Task to complete:
Pull each line containing "under" out of the data and copy it.

[[ Source material open ]]

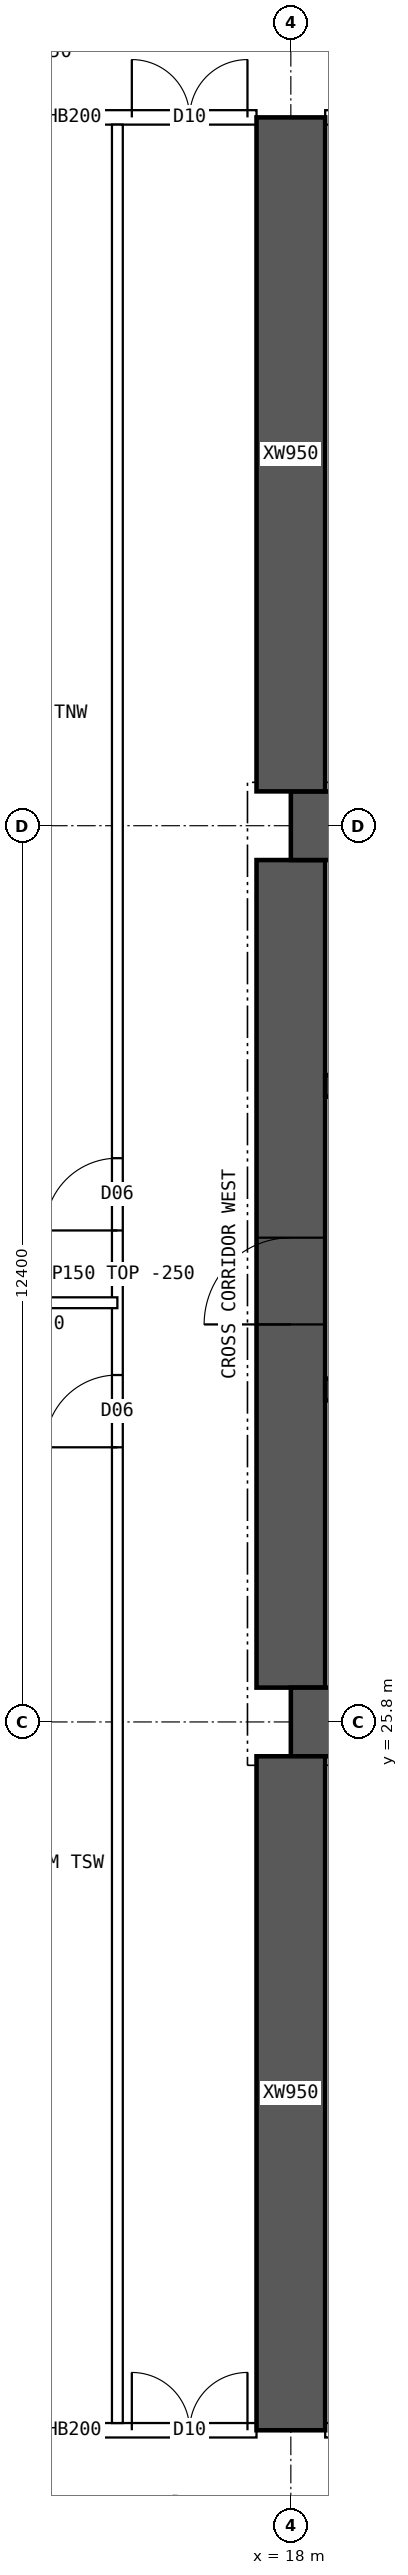
"""IFC4 building model, lengths in metres.
Left out: names, types, materials, properties, quantities, classifications, styles, units other than length and angle.
Written with IfcOpenShell. Run it as: python <this file> out.ifc"""

import sys

from ifc_helpers import new_model, si_unit, direction, frame, frame_2d, origin, place, context, subcontext, project, spatial, rectangle, extrude, element, fill, save


model = new_model("IFC4")
c1 = context("Model", 3, precision=1e-05, world=origin(), true_north=direction((0.0, 1.0)))
c2 = subcontext(c1, "Body", "Model", "MODEL_VIEW")
j1 = project(units=[si_unit("LENGTHUNIT", "METRE"), si_unit("PLANEANGLEUNIT", "RADIAN")], contexts=[c1])
p1 = place(None, origin())
s1 = spatial("IfcSite", under=j1, at=p1, CompositionType="ELEMENT")
p2 = place(p1, origin())
s2 = spatial("IfcBuilding", under=s1, at=p2, CompositionType="ELEMENT")
p3 = place(p2, frame((0.0, 0.0, 121.9)))
s3 = spatial("IfcBuildingStorey", under=s2, at=p3, CompositionType="ELEMENT", Elevation=121.9)
for number, where, z_axis, x_axis in (
    (1, (18.0, 25.8, 0.0), (0.0, 0.0, 1.0), (1.0, 0.0, 0.0)),
    (2, (18.0, 38.2, 0.0), (0.0, 0.0, 1.0), (1.0, 0.0, 0.0)),
):
    element("IfcWall", number, at=place(p3, frame(where, z_axis=z_axis, x_axis=x_axis)), inside=s3, PredefinedType="SHEAR", context=c2, shape_type="SweptSolid", body=[
        extrude(rectangle(XDim=48.0, YDim=0.95, at=frame_2d((24.0, 0.0))), origin(), (0.0, 0.0, 1.0), 3.75),
    ])
p4 = place(p3, frame((18.0, 26.275, 0.0), z_axis=(0.0, 0.0, 1.0), x_axis=(0.0, 1.0, 0.0)))
e3 = element("IfcWall", 3, at=p4, inside=s3, PredefinedType="SHEAR", context=c2, shape_type="SweptSolid", body=[
    extrude(rectangle(XDim=11.45, YDim=0.95, at=frame_2d((5.725, 0.0))), origin(), (0.0, 0.0, 1.0), 3.75),
])
p5 = place(p4, frame((5.025, 0.0, 0.0)))
e4 = element("IfcOpeningElement", 4, at=p5, cuts=e3, PredefinedType="OPENING", context=c2, shape_type="SweptSolid", body=[
    extrude(rectangle(XDim=1.2, YDim=2.1, at=frame_2d((0.6, 1.05))), frame((0.0, 0.485, 0.0), z_axis=(0.0, -1.0, 0.0), x_axis=(1.0, 0.0, 0.0)), (0.0, 0.0, 1.0), 0.97),
])
p6 = place(p3, frame((18.475, 30.4, 0.0), z_axis=(0.0, 0.0, 1.0), x_axis=(1.0, 0.0, 0.0)))
e5 = element("IfcWall", 5, at=p6, inside=s3, PredefinedType="SHEAR", context=c2, shape_type="SweptSolid", body=[
    extrude(rectangle(XDim=47.05, YDim=0.3, at=frame_2d((23.525, 0.0))), origin(), (0.0, 0.0, 1.0), 3.75),
])
p7 = place(p6, frame((0.4, 0.0, 0.0)))
e6 = element("IfcOpeningElement", 6, at=p7, cuts=e5, PredefinedType="OPENING", context=c2, shape_type="SweptSolid", body=[
    extrude(rectangle(XDim=1.0, YDim=2.1, at=frame_2d((0.5, 1.05))), frame((0.0, 0.16, 0.0), z_axis=(0.0, -1.0, 0.0), x_axis=(1.0, 0.0, 0.0)), (0.0, 0.0, 1.0), 0.32),
])
p8 = place(p6, frame((45.65, 0.0, 0.0)))
e7 = element("IfcOpeningElement", 7, at=p8, cuts=e5, PredefinedType="OPENING", context=c2, shape_type="SweptSolid", body=[
    extrude(rectangle(XDim=1.0, YDim=2.1, at=frame_2d((0.5, 1.05))), frame((0.0, 0.16, 0.0), z_axis=(0.0, -1.0, 0.0), x_axis=(1.0, 0.0, 0.0)), (0.0, 0.0, 1.0), 0.32),
])
p9 = place(p6, frame((8.275, 0.0, 0.0)))
e8 = element("IfcOpeningElement", 8, at=p9, cuts=e5, PredefinedType="OPENING", context=c2, shape_type="SweptSolid", body=[
    extrude(rectangle(XDim=1.1, YDim=2.1, at=frame_2d((0.55, 1.05))), frame((0.0, 0.16, 0.0), z_axis=(0.0, -1.0, 0.0), x_axis=(1.0, 0.0, 0.0)), (0.0, 0.0, 1.0), 0.32),
])
p10 = place(p6, frame((10.875, 0.0, 0.0)))
e9 = element("IfcOpeningElement", 9, at=p10, cuts=e5, PredefinedType="OPENING", context=c2, shape_type="SweptSolid", body=[
    extrude(rectangle(XDim=1.1, YDim=2.1, at=frame_2d((0.55, 1.05))), frame((0.0, 0.16, 0.0), z_axis=(0.0, -1.0, 0.0), x_axis=(1.0, 0.0, 0.0)), (0.0, 0.0, 1.0), 0.32),
])
p11 = place(p6, frame((13.475, 0.0, 0.0)))
e10 = element("IfcOpeningElement", 10, at=p11, cuts=e5, PredefinedType="OPENING", context=c2, shape_type="SweptSolid", body=[
    extrude(rectangle(XDim=1.1, YDim=2.1, at=frame_2d((0.55, 1.05))), frame((0.0, 0.16, 0.0), z_axis=(0.0, -1.0, 0.0), x_axis=(1.0, 0.0, 0.0)), (0.0, 0.0, 1.0), 0.32),
])
p12 = place(p6, frame((16.075, 0.0, 0.0)))
e11 = element("IfcOpeningElement", 11, at=p12, cuts=e5, PredefinedType="OPENING", context=c2, shape_type="SweptSolid", body=[
    extrude(rectangle(XDim=1.1, YDim=2.1, at=frame_2d((0.55, 1.05))), frame((0.0, 0.16, 0.0), z_axis=(0.0, -1.0, 0.0), x_axis=(1.0, 0.0, 0.0)), (0.0, 0.0, 1.0), 0.32),
])
p13 = place(p6, frame((18.85, 0.0, 0.0)))
e12 = element("IfcOpeningElement", 12, at=p13, cuts=e5, PredefinedType="OPENING", context=c2, shape_type="SweptSolid", body=[
    extrude(rectangle(XDim=0.9, YDim=2.1, at=frame_2d((0.45, 1.05))), frame((0.0, 0.16, 0.0), z_axis=(0.0, -1.0, 0.0), x_axis=(1.0, 0.0, 0.0)), (0.0, 0.0, 1.0), 0.32),
])
p14 = place(p6, frame((30.142, 0.0, 0.0)))
e13 = element("IfcOpeningElement", 13, at=p14, cuts=e5, PredefinedType="OPENING", context=c2, shape_type="SweptSolid", body=[
    extrude(rectangle(XDim=1.1, YDim=2.1, at=frame_2d((0.55, 1.05))), frame((0.0, 0.16, 0.0), z_axis=(0.0, -1.0, 0.0), x_axis=(1.0, 0.0, 0.0)), (0.0, 0.0, 1.0), 0.32),
])
p15 = place(p6, frame((33.675, 0.0, 0.0)))
e14 = element("IfcOpeningElement", 14, at=p15, cuts=e5, PredefinedType="OPENING", context=c2, shape_type="SweptSolid", body=[
    extrude(rectangle(XDim=1.1, YDim=2.1, at=frame_2d((0.55, 1.05))), frame((0.0, 0.16, 0.0), z_axis=(0.0, -1.0, 0.0), x_axis=(1.0, 0.0, 0.0)), (0.0, 0.0, 1.0), 0.32),
])
p16 = place(p6, frame((37.208, 0.0, 0.0)))
e15 = element("IfcOpeningElement", 15, at=p16, cuts=e5, PredefinedType="OPENING", context=c2, shape_type="SweptSolid", body=[
    extrude(rectangle(XDim=1.1, YDim=2.1, at=frame_2d((0.55, 1.05))), frame((0.0, 0.16, 0.0), z_axis=(0.0, -1.0, 0.0), x_axis=(1.0, 0.0, 0.0)), (0.0, 0.0, 1.0), 0.32),
])
p17 = place(p3, frame((18.475, 34.6, 0.0), z_axis=(0.0, 0.0, 1.0), x_axis=(1.0, 0.0, 0.0)))
e16 = element("IfcWall", 16, at=p17, inside=s3, PredefinedType="SHEAR", context=c2, shape_type="SweptSolid", body=[
    extrude(rectangle(XDim=47.05, YDim=0.3, at=frame_2d((23.525, 0.0))), origin(), (0.0, 0.0, 1.0), 3.75),
])
p18 = place(p17, frame((0.9, 0.0, 0.0)))
e17 = element("IfcOpeningElement", 17, at=p18, cuts=e16, PredefinedType="OPENING", context=c2, shape_type="SweptSolid", body=[
    extrude(rectangle(XDim=1.1, YDim=2.1, at=frame_2d((0.55, 1.05))), frame((0.0, 0.16, 0.0), z_axis=(0.0, -1.0, 0.0), x_axis=(1.0, 0.0, 0.0)), (0.0, 0.0, 1.0), 0.32),
])
p19 = place(p17, frame((45.05, 0.0, 0.0)))
e18 = element("IfcOpeningElement", 18, at=p19, cuts=e16, PredefinedType="OPENING", context=c2, shape_type="SweptSolid", body=[
    extrude(rectangle(XDim=1.1, YDim=2.1, at=frame_2d((0.55, 1.05))), frame((0.0, 0.16, 0.0), z_axis=(0.0, -1.0, 0.0), x_axis=(1.0, 0.0, 0.0)), (0.0, 0.0, 1.0), 0.32),
])
p20 = place(p17, frame((4.125, 0.0, 0.0)))
e19 = element("IfcOpeningElement", 19, at=p20, cuts=e16, PredefinedType="OPENING", context=c2, shape_type="SweptSolid", body=[
    extrude(rectangle(XDim=0.9, YDim=2.1, at=frame_2d((0.45, 1.05))), frame((0.0, 0.16, 0.0), z_axis=(0.0, -1.0, 0.0), x_axis=(1.0, 0.0, 0.0)), (0.0, 0.0, 1.0), 0.32),
])
p21 = place(p17, frame((42.025, 0.0, 0.0)))
e20 = element("IfcOpeningElement", 20, at=p21, cuts=e16, PredefinedType="OPENING", context=c2, shape_type="SweptSolid", body=[
    extrude(rectangle(XDim=0.9, YDim=2.1, at=frame_2d((0.45, 1.05))), frame((0.0, 0.16, 0.0), z_axis=(0.0, -1.0, 0.0), x_axis=(1.0, 0.0, 0.0)), (0.0, 0.0, 1.0), 0.32),
])
p22 = place(p17, frame((8.9, 0.0, 0.0)))
e21 = element("IfcOpeningElement", 21, at=p22, cuts=e16, PredefinedType="OPENING", context=c2, shape_type="SweptSolid", body=[
    extrude(rectangle(XDim=0.9, YDim=2.1, at=frame_2d((0.45, 1.05))), frame((0.0, 0.16, 0.0), z_axis=(0.0, -1.0, 0.0), x_axis=(1.0, 0.0, 0.0)), (0.0, 0.0, 1.0), 0.32),
])
p23 = place(p17, frame((12.874, 0.0, 0.0)))
e22 = element("IfcOpeningElement", 22, at=p23, cuts=e16, PredefinedType="OPENING", context=c2, shape_type="SweptSolid", body=[
    extrude(rectangle(XDim=0.9, YDim=2.1, at=frame_2d((0.45, 1.05))), frame((0.0, 0.16, 0.0), z_axis=(0.0, -1.0, 0.0), x_axis=(1.0, 0.0, 0.0)), (0.0, 0.0, 1.0), 0.32),
])
p24 = place(p17, frame((16.521, 0.0, 0.0)))
e23 = element("IfcOpeningElement", 23, at=p24, cuts=e16, PredefinedType="OPENING", context=c2, shape_type="SweptSolid", body=[
    extrude(rectangle(XDim=0.9, YDim=2.1, at=frame_2d((0.45, 1.05))), frame((0.0, 0.16, 0.0), z_axis=(0.0, -1.0, 0.0), x_axis=(1.0, 0.0, 0.0)), (0.0, 0.0, 1.0), 0.32),
])
p25 = place(p17, frame((20.28, 0.0, 0.0)))
e24 = element("IfcOpeningElement", 24, at=p25, cuts=e16, PredefinedType="OPENING", context=c2, shape_type="SweptSolid", body=[
    extrude(rectangle(XDim=0.9, YDim=2.1, at=frame_2d((0.45, 1.05))), frame((0.0, 0.16, 0.0), z_axis=(0.0, -1.0, 0.0), x_axis=(1.0, 0.0, 0.0)), (0.0, 0.0, 1.0), 0.32),
])
p26 = place(p17, frame((24.686, 0.0, 0.0)))
e25 = element("IfcOpeningElement", 25, at=p26, cuts=e16, PredefinedType="OPENING", context=c2, shape_type="SweptSolid", body=[
    extrude(rectangle(XDim=0.9, YDim=2.1, at=frame_2d((0.45, 1.05))), frame((0.0, 0.16, 0.0), z_axis=(0.0, -1.0, 0.0), x_axis=(1.0, 0.0, 0.0)), (0.0, 0.0, 1.0), 0.32),
])
p27 = place(p17, frame((27.483, 0.0, 0.0)))
e26 = element("IfcOpeningElement", 26, at=p27, cuts=e16, PredefinedType="OPENING", context=c2, shape_type="SweptSolid", body=[
    extrude(rectangle(XDim=0.9, YDim=2.1, at=frame_2d((0.45, 1.05))), frame((0.0, 0.16, 0.0), z_axis=(0.0, -1.0, 0.0), x_axis=(1.0, 0.0, 0.0)), (0.0, 0.0, 1.0), 0.32),
])
p28 = place(p17, frame((29.45, 0.0, 0.0)))
e27 = element("IfcOpeningElement", 27, at=p28, cuts=e16, PredefinedType="OPENING", context=c2, shape_type="SweptSolid", body=[
    extrude(rectangle(XDim=0.9, YDim=2.1, at=frame_2d((0.45, 1.05))), frame((0.0, 0.16, 0.0), z_axis=(0.0, -1.0, 0.0), x_axis=(1.0, 0.0, 0.0)), (0.0, 0.0, 1.0), 0.32),
])
p29 = place(p17, frame((31.882, 0.0, 0.0)))
e28 = element("IfcOpeningElement", 28, at=p29, cuts=e16, PredefinedType="OPENING", context=c2, shape_type="SweptSolid", body=[
    extrude(rectangle(XDim=0.9, YDim=2.1, at=frame_2d((0.45, 1.05))), frame((0.0, 0.16, 0.0), z_axis=(0.0, -1.0, 0.0), x_axis=(1.0, 0.0, 0.0)), (0.0, 0.0, 1.0), 0.32),
])
p30 = place(p17, frame((34.617, 0.0, 0.0)))
e29 = element("IfcOpeningElement", 29, at=p30, cuts=e16, PredefinedType="OPENING", context=c2, shape_type="SweptSolid", body=[
    extrude(rectangle(XDim=0.9, YDim=2.1, at=frame_2d((0.45, 1.05))), frame((0.0, 0.16, 0.0), z_axis=(0.0, -1.0, 0.0), x_axis=(1.0, 0.0, 0.0)), (0.0, 0.0, 1.0), 0.32),
])
p31 = place(p17, frame((37.656, 0.0, 0.0)))
e30 = element("IfcOpeningElement", 30, at=p31, cuts=e16, PredefinedType="OPENING", context=c2, shape_type="SweptSolid", body=[
    extrude(rectangle(XDim=0.9, YDim=2.1, at=frame_2d((0.45, 1.05))), frame((0.0, 0.16, 0.0), z_axis=(0.0, -1.0, 0.0), x_axis=(1.0, 0.0, 0.0)), (0.0, 0.0, 1.0), 0.32),
])
for number, where, z_axis, x_axis in (
    (31, (18.0, 16.0, 0.0), (0.0, 0.0, 1.0), (0.0, 1.0, 0.0)),
    (32, (18.0, 38.675, 0.0), (0.0, 0.0, 1.0), (0.0, 1.0, 0.0)),
):
    element("IfcWall", number, at=place(p3, frame(where, z_axis=z_axis, x_axis=x_axis)), inside=s3, PredefinedType="SHEAR", context=c2, shape_type="SweptSolid", body=[
        extrude(rectangle(XDim=9.325, YDim=0.95, at=frame_2d((4.663, 0.0))), origin(), (0.0, 0.0, 1.0), 3.75),
    ])
p32 = place(p3, frame((12.475, 16.0, 0.0), z_axis=(0.0, 0.0, 1.0), x_axis=(1.0, 0.0, 0.0)))
e33 = element("IfcWall", 33, at=p32, inside=s3, PredefinedType="SOLIDWALL", context=c2, shape_type="SweptSolid", body=[
    extrude(rectangle(XDim=5.05, YDim=0.2, at=frame_2d((2.525, 0.0))), origin(), (0.0, 0.0, 1.0), 3.5),
])
p33 = place(p32, frame((3.325, 0.0, 0.0)))
e34 = element("IfcOpeningElement", 34, at=p33, cuts=e33, PredefinedType="OPENING", context=c2, shape_type="SweptSolid", body=[
    extrude(rectangle(XDim=1.6, YDim=2.1, at=frame_2d((0.8, 1.05))), frame((0.0, 0.11, 0.0), z_axis=(0.0, -1.0, 0.0), x_axis=(1.0, 0.0, 0.0)), (0.0, 0.0, 1.0), 0.22),
])
p34 = place(p3, frame((18.475, 16.0, 0.0), z_axis=(0.0, 0.0, 1.0), x_axis=(1.0, 0.0, 0.0)))
e35 = element("IfcWall", 35, at=p34, inside=s3, PredefinedType="SOLIDWALL", context=c2, shape_type="SweptSolid", body=[
    extrude(rectangle(XDim=5.05, YDim=0.2, at=frame_2d((2.525, 0.0))), origin(), (0.0, 0.0, 1.0), 3.5),
])
p35 = place(p34, frame((0.35, 0.0, 0.0)))
e36 = element("IfcOpeningElement", 36, at=p35, cuts=e35, PredefinedType="OPENING", context=c2, shape_type="SweptSolid", body=[
    extrude(rectangle(XDim=0.9, YDim=2.1, at=frame_2d((0.45, 1.05))), frame((0.0, 0.11, 0.0), z_axis=(0.0, -1.0, 0.0), x_axis=(1.0, 0.0, 0.0)), (0.0, 0.0, 1.0), 0.22),
])
p36 = place(p34, frame((3.105, 0.0, 0.0)))
e37 = element("IfcOpeningElement", 37, at=p36, cuts=e35, PredefinedType="OPENING", context=c2, shape_type="SweptSolid", body=[
    extrude(rectangle(XDim=0.9, YDim=2.1, at=frame_2d((0.45, 1.05))), frame((0.0, 0.11, 0.0), z_axis=(0.0, -1.0, 0.0), x_axis=(1.0, 0.0, 0.0)), (0.0, 0.0, 1.0), 0.22),
])
p37 = place(p3, frame((12.475, 48.0, 0.0), z_axis=(0.0, 0.0, 1.0), x_axis=(1.0, 0.0, 0.0)))
e38 = element("IfcWall", 38, at=p37, inside=s3, PredefinedType="SOLIDWALL", context=c2, shape_type="SweptSolid", body=[
    extrude(rectangle(XDim=5.05, YDim=0.2, at=frame_2d((2.525, 0.0))), origin(), (0.0, 0.0, 1.0), 3.5),
])
p38 = place(p37, frame((3.325, 0.0, 0.0)))
e39 = element("IfcOpeningElement", 39, at=p38, cuts=e38, PredefinedType="OPENING", context=c2, shape_type="SweptSolid", body=[
    extrude(rectangle(XDim=1.6, YDim=2.1, at=frame_2d((0.8, 1.05))), frame((0.0, 0.11, 0.0), z_axis=(0.0, -1.0, 0.0), x_axis=(1.0, 0.0, 0.0)), (0.0, 0.0, 1.0), 0.22),
])
p39 = place(p3, frame((18.475, 48.0, 0.0), z_axis=(0.0, 0.0, 1.0), x_axis=(1.0, 0.0, 0.0)))
e40 = element("IfcWall", 40, at=p39, inside=s3, PredefinedType="SOLIDWALL", context=c2, shape_type="SweptSolid", body=[
    extrude(rectangle(XDim=5.05, YDim=0.2, at=frame_2d((2.525, 0.0))), origin(), (0.0, 0.0, 1.0), 3.5),
])
p40 = place(p39, frame((0.35, 0.0, 0.0)))
e41 = element("IfcOpeningElement", 41, at=p40, cuts=e40, PredefinedType="OPENING", context=c2, shape_type="SweptSolid", body=[
    extrude(rectangle(XDim=0.9, YDim=2.1, at=frame_2d((0.45, 1.05))), frame((0.0, 0.11, 0.0), z_axis=(0.0, -1.0, 0.0), x_axis=(1.0, 0.0, 0.0)), (0.0, 0.0, 1.0), 0.22),
])
p41 = place(p39, frame((2.735, 0.0, 0.0)))
e42 = element("IfcOpeningElement", 42, at=p41, cuts=e40, PredefinedType="OPENING", context=c2, shape_type="SweptSolid", body=[
    extrude(rectangle(XDim=0.9, YDim=2.1, at=frame_2d((0.45, 1.05))), frame((0.0, 0.11, 0.0), z_axis=(0.0, -1.0, 0.0), x_axis=(1.0, 0.0, 0.0)), (0.0, 0.0, 1.0), 0.22),
])
p42 = place(p3, frame((15.6, 16.1, 0.0), z_axis=(0.0, 0.0, 1.0), x_axis=(0.0, 1.0, 0.0)))
e43 = element("IfcWall", 43, at=p42, inside=s3, PredefinedType="PARTITIONING", context=c2, shape_type="SweptSolid", body=[
    extrude(rectangle(XDim=31.8, YDim=0.15, at=frame_2d((15.9, 0.0))), origin(), (0.0, 0.0, 1.0), 3.5),
])
p43 = place(p42, frame((13.5, 0.0, 0.0)))
e44 = element("IfcOpeningElement", 44, at=p43, cuts=e43, PredefinedType="OPENING", context=c2, shape_type="SweptSolid", body=[
    extrude(rectangle(XDim=1.0, YDim=2.1, at=frame_2d((0.5, 1.05))), frame((0.0, 0.085, 0.0), z_axis=(0.0, -1.0, 0.0), x_axis=(1.0, 0.0, 0.0)), (0.0, 0.0, 1.0), 0.17),
])
p44 = place(p42, frame((16.5, 0.0, 0.0)))
e45 = element("IfcOpeningElement", 45, at=p44, cuts=e43, PredefinedType="OPENING", context=c2, shape_type="SweptSolid", body=[
    extrude(rectangle(XDim=1.0, YDim=2.1, at=frame_2d((0.5, 1.05))), frame((0.0, 0.085, 0.0), z_axis=(0.0, -1.0, 0.0), x_axis=(1.0, 0.0, 0.0)), (0.0, 0.0, 1.0), 0.17),
])
p45 = place(p3, frame((12.0, 31.6, 0.0), z_axis=(0.0, 0.0, 1.0), x_axis=(1.0, 0.0, 0.0)))
e46 = element("IfcWall", 46, at=p45, inside=s3, PredefinedType="PARTITIONING", context=c2, shape_type="SweptSolid", body=[
    extrude(rectangle(XDim=3.6, YDim=0.15, at=frame_2d((1.8, 0.0))), origin(), (0.0, 0.0, 1.0), 3.5),
])
p46 = place(p5, origin())
e47 = element("IfcDoor", 47, at=p46, inside=s3, OperationType="SINGLE_SWING_LEFT", PredefinedType="DOOR", context=c2, shape_type="SweptSolid", body=[
    extrude(rectangle(XDim=1.2, YDim=2.1, at=frame_2d((0.6, 1.05))), frame((0.0, 0.025, 0.0), z_axis=(0.0, -1.0, 0.0), x_axis=(1.0, 0.0, 0.0)), (0.0, 0.0, 1.0), 0.05),
])
fill(e4, e47)
p47 = place(p33, origin())
e48 = element("IfcDoor", 48, at=p47, inside=s3, OperationType="DOUBLE_DOOR_SINGLE_SWING", PredefinedType="DOOR", context=c2, shape_type="SweptSolid", body=[
    extrude(rectangle(XDim=1.6, YDim=2.1, at=frame_2d((0.8, 1.05))), frame((0.0, 0.025, 0.0), z_axis=(0.0, -1.0, 0.0), x_axis=(1.0, 0.0, 0.0)), (0.0, 0.0, 1.0), 0.05),
])
fill(e34, e48)
p48 = place(p38, origin())
e49 = element("IfcDoor", 49, at=p48, inside=s3, OperationType="DOUBLE_DOOR_SINGLE_SWING", PredefinedType="DOOR", context=c2, shape_type="SweptSolid", body=[
    extrude(rectangle(XDim=1.6, YDim=2.1, at=frame_2d((0.8, 1.05))), frame((0.0, 0.025, 0.0), z_axis=(0.0, -1.0, 0.0), x_axis=(1.0, 0.0, 0.0)), (0.0, 0.0, 1.0), 0.05),
])
fill(e39, e49)
p49 = place(p43, origin())
e50 = element("IfcDoor", 50, at=p49, inside=s3, OperationType="SINGLE_SWING_LEFT", PredefinedType="DOOR", context=c2, shape_type="SweptSolid", body=[
    extrude(rectangle(XDim=1.0, YDim=2.1, at=frame_2d((0.5, 1.05))), frame((0.0, 0.025, 0.0), z_axis=(0.0, -1.0, 0.0), x_axis=(1.0, 0.0, 0.0)), (0.0, 0.0, 1.0), 0.05),
])
fill(e44, e50)
p50 = place(p44, origin())
e51 = element("IfcDoor", 51, at=p50, inside=s3, OperationType="SINGLE_SWING_LEFT", PredefinedType="DOOR", context=c2, shape_type="SweptSolid", body=[
    extrude(rectangle(XDim=1.0, YDim=2.1, at=frame_2d((0.5, 1.05))), frame((0.0, 0.025, 0.0), z_axis=(0.0, -1.0, 0.0), x_axis=(1.0, 0.0, 0.0)), (0.0, 0.0, 1.0), 0.05),
])
fill(e45, e51)
save(model, sys.argv[1])

[[ Source material closed ]]

Output for this task:
s1 = spatial("IfcSite", under=j1, at=p1, CompositionType="ELEMENT")
s2 = spatial("IfcBuilding", under=s1, at=p2, CompositionType="ELEMENT")
s3 = spatial("IfcBuildingStorey", under=s2, at=p3, CompositionType="ELEMENT", Elevation=121.9)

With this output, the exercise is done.